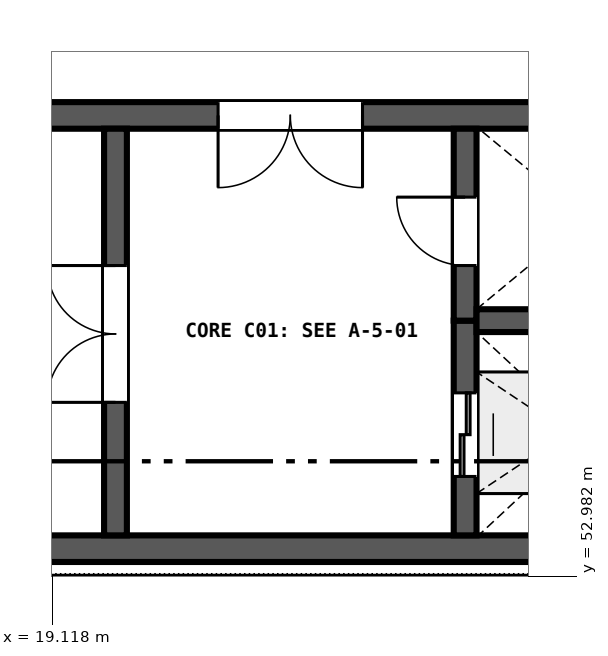
"""IFC4 building model, lengths in metres.
Left out: names, types, materials, properties, quantities, classifications, styles, units other than length and angle.
Written with IfcOpenShell. Run it as: python <this file> out.ifc"""

import sys

from ifc_helpers import new_model, si_unit, direction, frame, frame_2d, origin, place, context, subcontext, project, spatial, rectangle, extrude, element, fill, save


model = new_model("IFC4")
c1 = context("Model", 3, precision=1e-05, world=origin(), true_north=direction((0.0, 1.0)))
c2 = subcontext(c1, "Body", "Model", "MODEL_VIEW")
j1 = project(units=[si_unit("LENGTHUNIT", "METRE"), si_unit("PLANEANGLEUNIT", "RADIAN")], contexts=[c1])
p1 = place(None, origin())
s1 = spatial("IfcSite", under=j1, at=p1, CompositionType="ELEMENT")
p2 = place(p1, origin())
s2 = spatial("IfcBuilding", under=s1, at=p2, CompositionType="ELEMENT")
p3 = place(p2, frame((0.0, 0.0, 4.8)))
s3 = spatial("IfcBuildingStorey", under=s2, at=p3, CompositionType="ELEMENT", Elevation=4.8)
p4 = place(p3, frame((9.9, 53.35, 0.0), z_axis=(0.0, 0.0, 1.0), x_axis=(1.0, 0.0, 0.0)))
e1 = element("IfcWall", 1, at=p4, inside=s3, PredefinedType="SHEAR", context=c2, shape_type="SweptSolid", body=[
    extrude(rectangle(XDim=18.0, YDim=0.35, at=frame_2d((9.0, 0.0))), origin(), (0.0, 0.0, 1.0), 4.52),
])
p5 = place(p3, frame((27.9, 59.05, 0.0), z_axis=(0.0, 0.0, 1.0), x_axis=(-1.0, 0.0, 0.0)))
e2 = element("IfcWall", 2, at=p5, inside=s3, PredefinedType="SHEAR", context=c2, shape_type="SweptSolid", body=[
    extrude(rectangle(XDim=18.0, YDim=0.35, at=frame_2d((9.0, 0.0))), origin(), (0.0, 0.0, 1.0), 4.52),
])
p6 = place(p5, frame((4.7, 0.0, 0.0)))
e3 = element("IfcOpeningElement", 3, at=p6, cuts=e2, PredefinedType="OPENING", context=c2, shape_type="SweptSolid", body=[
    extrude(rectangle(XDim=1.9, YDim=2.25, at=frame_2d((0.95, 1.125))), frame((0.0, 0.185, 0.0), z_axis=(0.0, -1.0, 0.0), x_axis=(1.0, 0.0, 0.0)), (0.0, 0.0, 1.0), 0.37),
])
p7 = place(p3, frame((19.95, 53.525, 0.0), z_axis=(0.0, 0.0, 1.0), x_axis=(0.0, 1.0, 0.0)))
e4 = element("IfcWall", 4, at=p7, inside=s3, PredefinedType="SHEAR", context=c2, shape_type="SweptSolid", body=[
    extrude(rectangle(XDim=5.35, YDim=0.3, at=frame_2d((2.675, 0.0))), origin(), (0.0, 0.0, 1.0), 4.52),
])
p8 = place(p7, frame((1.75, 0.0, 0.0)))
e5 = element("IfcOpeningElement", 5, at=p8, cuts=e4, PredefinedType="OPENING", context=c2, shape_type="SweptSolid", body=[
    extrude(rectangle(XDim=1.8, YDim=2.25, at=frame_2d((0.9, 1.125))), frame((0.0, 0.16, 0.0), z_axis=(0.0, -1.0, 0.0), x_axis=(1.0, 0.0, 0.0)), (0.0, 0.0, 1.0), 0.32),
])
p9 = place(p3, frame((24.55, 53.525, 0.0), z_axis=(0.0, 0.0, 1.0), x_axis=(0.0, 1.0, 0.0)))
e6 = element("IfcWall", 6, at=p9, inside=s3, PredefinedType="SHEAR", context=c2, shape_type="SweptSolid", body=[
    extrude(rectangle(XDim=2.825, YDim=0.3, at=frame_2d((1.413, 0.0))), origin(), (0.0, 0.0, 1.0), 4.52),
])
p10 = place(p9, frame((0.775, 0.0, 0.0)))
e7 = element("IfcOpeningElement", 7, at=p10, cuts=e6, PredefinedType="OPENING", context=c2, shape_type="SweptSolid", body=[
    extrude(rectangle(XDim=1.1, YDim=2.1, at=frame_2d((0.55, 1.05))), frame((0.0, 0.16, 0.0), z_axis=(0.0, -1.0, 0.0), x_axis=(1.0, 0.0, 0.0)), (0.0, 0.0, 1.0), 0.32),
])
p11 = place(p3, frame((24.55, 56.35, 0.0), z_axis=(0.0, 0.0, 1.0), x_axis=(0.0, 1.0, 0.0)))
e8 = element("IfcWall", 8, at=p11, inside=s3, PredefinedType="SHEAR", context=c2, shape_type="SweptSolid", body=[
    extrude(rectangle(XDim=2.525, YDim=0.3, at=frame_2d((1.262, 0.0))), origin(), (0.0, 0.0, 1.0), 4.52),
])
p12 = place(p11, frame((0.725, 0.0, 0.0)))
e9 = element("IfcOpeningElement", 9, at=p12, cuts=e8, PredefinedType="OPENING", context=c2, shape_type="SweptSolid", body=[
    extrude(rectangle(XDim=0.9, YDim=2.1, at=frame_2d((0.45, 1.05))), frame((0.0, 0.16, 0.0), z_axis=(0.0, -1.0, 0.0), x_axis=(1.0, 0.0, 0.0)), (0.0, 0.0, 1.0), 0.32),
])
p13 = place(p3, frame((24.7, 56.35, 0.0), z_axis=(0.0, 0.0, 1.0), x_axis=(1.0, 0.0, 0.0)))
e10 = element("IfcWall", 10, at=p13, inside=s3, PredefinedType="SHEAR", context=c2, shape_type="SweptSolid", body=[
    extrude(rectangle(XDim=2.875, YDim=0.3, at=frame_2d((1.438, 0.0))), origin(), (0.0, 0.0, 1.0), 4.52),
])
p14 = place(p8, origin())
e11 = element("IfcDoor", 11, at=p14, inside=s3, OperationType="DOUBLE_DOOR_SINGLE_SWING", PredefinedType="DOOR", context=c2, shape_type="SweptSolid", body=[
    extrude(rectangle(XDim=1.8, YDim=2.25, at=frame_2d((0.9, 1.125))), frame((0.0, 0.025, 0.0), z_axis=(0.0, -1.0, 0.0), x_axis=(1.0, 0.0, 0.0)), (0.0, 0.0, 1.0), 0.05),
])
fill(e5, e11)
p15 = place(p12, origin())
e12 = element("IfcDoor", 12, at=p15, inside=s3, OperationType="SINGLE_SWING_RIGHT", PredefinedType="DOOR", context=c2, shape_type="SweptSolid", body=[
    extrude(rectangle(XDim=0.9, YDim=2.1, at=frame_2d((0.45, 1.05))), frame((0.0, 0.025, 0.0), z_axis=(0.0, -1.0, 0.0), x_axis=(1.0, 0.0, 0.0)), (0.0, 0.0, 1.0), 0.05),
])
fill(e9, e12)
p16 = place(p10, origin())
e13 = element("IfcDoor", 13, at=p16, inside=s3, OperationType="DOUBLE_DOOR_SLIDING", PredefinedType="DOOR", context=c2, shape_type="SweptSolid", body=[
    extrude(rectangle(XDim=1.1, YDim=2.1, at=frame_2d((0.55, 1.05))), frame((0.0, 0.025, 0.0), z_axis=(0.0, -1.0, 0.0), x_axis=(1.0, 0.0, 0.0)), (0.0, 0.0, 1.0), 0.05),
])
fill(e7, e13)
p17 = place(p6, origin())
e14 = element("IfcDoor", 14, at=p17, inside=s3, OperationType="DOUBLE_DOOR_SINGLE_SWING", PredefinedType="DOOR", context=c2, shape_type="SweptSolid", body=[
    extrude(rectangle(XDim=1.9, YDim=2.25, at=frame_2d((0.95, 1.125))), frame((0.0, 0.025, 0.0), z_axis=(0.0, -1.0, 0.0), x_axis=(1.0, 0.0, 0.0)), (0.0, 0.0, 1.0), 0.05),
])
fill(e3, e14)
save(model, sys.argv[1])
◇ ◇ ◇
Give solely the number of lines in the data that contain the string "cuts".

Reply to the exercise ▸ 4